Records -
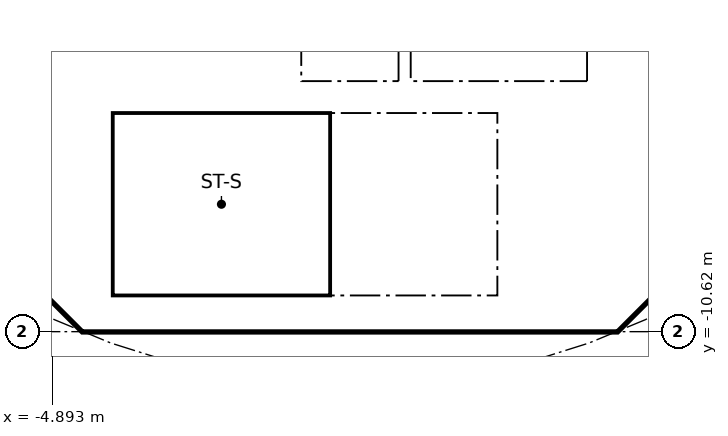
"""IFC4 building model, lengths in metres.
Left out: names, types, materials, properties, quantities, classifications, styles, units other than length and angle.
Written with IfcOpenShell. Run it as: python <this file> out.ifc"""

import sys

from ifc_helpers import new_model, si_unit, direction, frame, frame_2d, origin, place, context, subcontext, project, spatial, polyline, rectangle, outline, extrude, element, fill, save


model = new_model("IFC4")
c1 = context("Model", 3, precision=1e-05, world=origin(), true_north=direction((0.0, 1.0)))
c2 = subcontext(c1, "Body", "Model", "MODEL_VIEW")
j1 = project(units=[si_unit("LENGTHUNIT", "METRE"), si_unit("PLANEANGLEUNIT", "RADIAN")], contexts=[c1])
p1 = place(None, origin())
s1 = spatial("IfcSite", under=j1, at=p1, CompositionType="ELEMENT")
p2 = place(p1, origin())
s2 = spatial("IfcBuilding", under=s1, at=p2, CompositionType="ELEMENT")
p3 = place(p2, frame((0.0, 0.0, 184.4)))
s3 = spatial("IfcBuildingStorey", under=s2, at=p3, CompositionType="ELEMENT", Elevation=184.4)
p4 = place(p3, frame((-9.988, -4.613, 0.0), z_axis=(0.0, 0.0, 1.0), x_axis=(0.707106781187, -0.707106781187, 0.0)))
e1 = element("IfcWall", 1, at=p4, inside=s3, PredefinedType="SHEAR", context=c2, shape_type="SweptSolid", body=[
    extrude(rectangle(XDim=7.602, YDim=0.6, at=frame_2d((3.801, 0.0))), origin(), (0.0, 0.0, 1.0), 3.44),
])
p5 = place(p4, frame((6.151, 0.0, 0.0)))
e2 = element("IfcOpeningElement", 2, at=p5, cuts=e1, PredefinedType="OPENING", context=c2, shape_type="SweptSolid", body=[
    extrude(rectangle(XDim=1.1, YDim=2.1, at=frame_2d((0.55, 1.05))), frame((0.0, 0.31, 0.0), z_axis=(0.0, -1.0, 0.0), x_axis=(1.0, 0.0, 0.0)), (0.0, 0.0, 1.0), 0.62),
])
p6 = place(p3, frame((4.613, -9.988, 0.0), z_axis=(0.0, 0.0, 1.0), x_axis=(0.707106781187, 0.707106781187, 0.0)))
e3 = element("IfcWall", 3, at=p6, inside=s3, PredefinedType="SHEAR", context=c2, shape_type="SweptSolid", body=[
    extrude(rectangle(XDim=7.602, YDim=0.6, at=frame_2d((3.801, 0.0))), origin(), (0.0, 0.0, 1.0), 3.44),
])
p7 = place(p6, frame((3.201, 0.0, 0.0)))
e4 = element("IfcOpeningElement", 4, at=p7, cuts=e3, PredefinedType="OPENING", context=c2, shape_type="SweptSolid", body=[
    extrude(rectangle(XDim=1.2, YDim=2.1, at=frame_2d((0.6, 1.05))), frame((0.0, 0.31, 0.0), z_axis=(0.0, -1.0, 0.0), x_axis=(1.0, 0.0, 0.0)), (0.0, 0.0, 1.0), 0.62),
])
p8 = place(p3, frame((4.0, -10.025, 0.0), z_axis=(0.0, 0.0, 1.0), x_axis=(0.0, 1.0, 0.0)))
e5 = element("IfcWall", 5, at=p8, inside=s3, PredefinedType="SOLIDWALL", context=c2, shape_type="SweptSolid", body=[
    extrude(rectangle(XDim=3.0, YDim=0.2, at=frame_2d((1.5, 0.0))), origin(), (0.0, 0.0, 1.0), 3.44),
])
p9 = place(p8, frame((0.975, 0.0, 0.0)))
e6 = element("IfcOpeningElement", 6, at=p9, cuts=e5, PredefinedType="OPENING", context=c2, shape_type="SweptSolid", body=[
    extrude(rectangle(XDim=1.1, YDim=2.1, at=frame_2d((0.55, 1.05))), frame((0.0, 0.11, 0.0), z_axis=(0.0, -1.0, 0.0), x_axis=(1.0, 0.0, 0.0)), (0.0, 0.0, 1.0), 0.22),
])
p10 = place(p3, frame((4.0, -6.5, 0.0), z_axis=(0.0, 0.0, 1.0), x_axis=(0.0, 1.0, 0.0)))
e7 = element("IfcWall", 7, at=p10, inside=s3, PredefinedType="SOLIDWALL", context=c2, shape_type="SweptSolid", body=[
    extrude(rectangle(XDim=2.2, YDim=0.2, at=frame_2d((1.1, 0.0))), origin(), (0.0, 0.0, 1.0), 3.44),
])
p11 = place(p10, frame((0.55, 0.0, 0.0)))
e8 = element("IfcOpeningElement", 8, at=p11, cuts=e7, PredefinedType="OPENING", context=c2, shape_type="SweptSolid", body=[
    extrude(rectangle(XDim=1.1, YDim=2.1, at=frame_2d((0.55, 1.05))), frame((0.0, 0.11, 0.0), z_axis=(0.0, -1.0, 0.0), x_axis=(1.0, 0.0, 0.0)), (0.0, 0.0, 1.0), 0.22),
])
p12 = place(p3, frame((-4.0, -6.5, 0.0), z_axis=(0.0, 0.0, 1.0), x_axis=(0.0, 1.0, 0.0)))
e9 = element("IfcWall", 9, at=p12, inside=s3, PredefinedType="SOLIDWALL", context=c2, shape_type="SweptSolid", body=[
    extrude(rectangle(XDim=2.2, YDim=0.2, at=frame_2d((1.1, 0.0))), origin(), (0.0, 0.0, 1.0), 3.44),
])
p13 = place(p12, frame((0.65, 0.0, 0.0)))
e10 = element("IfcOpeningElement", 10, at=p13, cuts=e9, PredefinedType="OPENING", context=c2, shape_type="SweptSolid", body=[
    extrude(rectangle(XDim=0.9, YDim=2.1, at=frame_2d((0.45, 1.05))), frame((0.0, 0.11, 0.0), z_axis=(0.0, -1.0, 0.0), x_axis=(1.0, 0.0, 0.0)), (0.0, 0.0, 1.0), 0.22),
])
p14 = place(p3, origin())
e11 = element("IfcWall", 11, at=p14, inside=s3, PredefinedType="SHEAR", context=c2, shape_type="SweptSolid", body=[
    extrude(outline(polyline([(-4.152, -10.025), (4.152, -10.025), (4.401, -9.776), (4.825, -10.2), (4.401, -10.625), (-4.401, -10.625), (-4.825, -10.2), (-4.401, -9.776), (-4.152, -10.025)])), origin(), (0.0, 0.0, 1.0), 3.44),
])
for number, where, z_axis, x_axis in (
    (12, (-0.9, -6.5, 0.0), (0.0, 0.0, 1.0), (0.0, 1.0, 0.0)),
    (13, (0.9, -6.5, 0.0), (0.0, 0.0, 1.0), (0.0, 1.0, 0.0)),
):
    element("IfcWall", number, at=place(p3, frame(where, z_axis=z_axis, x_axis=x_axis)), inside=s3, PredefinedType="SOLIDWALL", context=c2, shape_type="SweptSolid", body=[
        extrude(rectangle(XDim=2.2, YDim=0.2, at=frame_2d((1.1, 0.0))), origin(), (0.0, 0.0, 1.0), 3.44),
    ])
p15 = place(p3, origin())
e14 = element("IfcWall", 14, at=p15, inside=s3, PredefinedType="SOLIDWALL", context=c2, shape_type="SweptSolid", body=[
    extrude(outline(polyline([(-3.9, -10.025), (-4.1, -10.025), (-4.1, -7.025), (-3.9, -7.025), (-3.9, -10.025)])), origin(), (0.0, 0.0, 1.0), 3.44),
])
p16 = place(p3, origin())
e15 = element("IfcWall", 15, at=p16, inside=s3, PredefinedType="SOLIDWALL", context=c2, shape_type="SweptSolid", body=[
    extrude(outline(polyline([(4.1, -7.025), (-4.1, -7.025), (-4.1, -6.5), (4.1, -6.5), (4.1, -7.025)])), origin(), (0.0, 0.0, 1.0), 3.44),
])
p17 = place(p9, origin())
e16 = element("IfcDoor", 16, at=p17, inside=s3, OperationType="SINGLE_SWING_RIGHT", PredefinedType="DOOR", context=c2, shape_type="SweptSolid", body=[
    extrude(rectangle(XDim=1.1, YDim=2.1, at=frame_2d((0.55, 1.05))), frame((0.0, 0.025, 0.0), z_axis=(0.0, -1.0, 0.0), x_axis=(1.0, 0.0, 0.0)), (0.0, 0.0, 1.0), 0.05),
])
fill(e6, e16)
p18 = place(p5, origin())
e17 = element("IfcDoor", 17, at=p18, inside=s3, OperationType="SINGLE_SWING_RIGHT", PredefinedType="DOOR", context=c2, shape_type="SweptSolid", body=[
    extrude(rectangle(XDim=1.1, YDim=2.1, at=frame_2d((0.55, 1.05))), frame((0.0, 0.025, 0.0), z_axis=(0.0, -1.0, 0.0), x_axis=(1.0, 0.0, 0.0)), (0.0, 0.0, 1.0), 0.05),
])
fill(e2, e17)
save(model, sys.argv[1])

Try it - Lines with the word "IfcDoor" in them are the answer; report each one from the data.

Your response -
e16 = element("IfcDoor", 16, at=p17, inside=s3, OperationType="SINGLE_SWING_RIGHT", PredefinedType="DOOR", context=c2, shape_type="SweptSolid", body=[
e17 = element("IfcDoor", 17, at=p18, inside=s3, OperationType="SINGLE_SWING_RIGHT", PredefinedType="DOOR", context=c2, shape_type="SweptSolid", body=[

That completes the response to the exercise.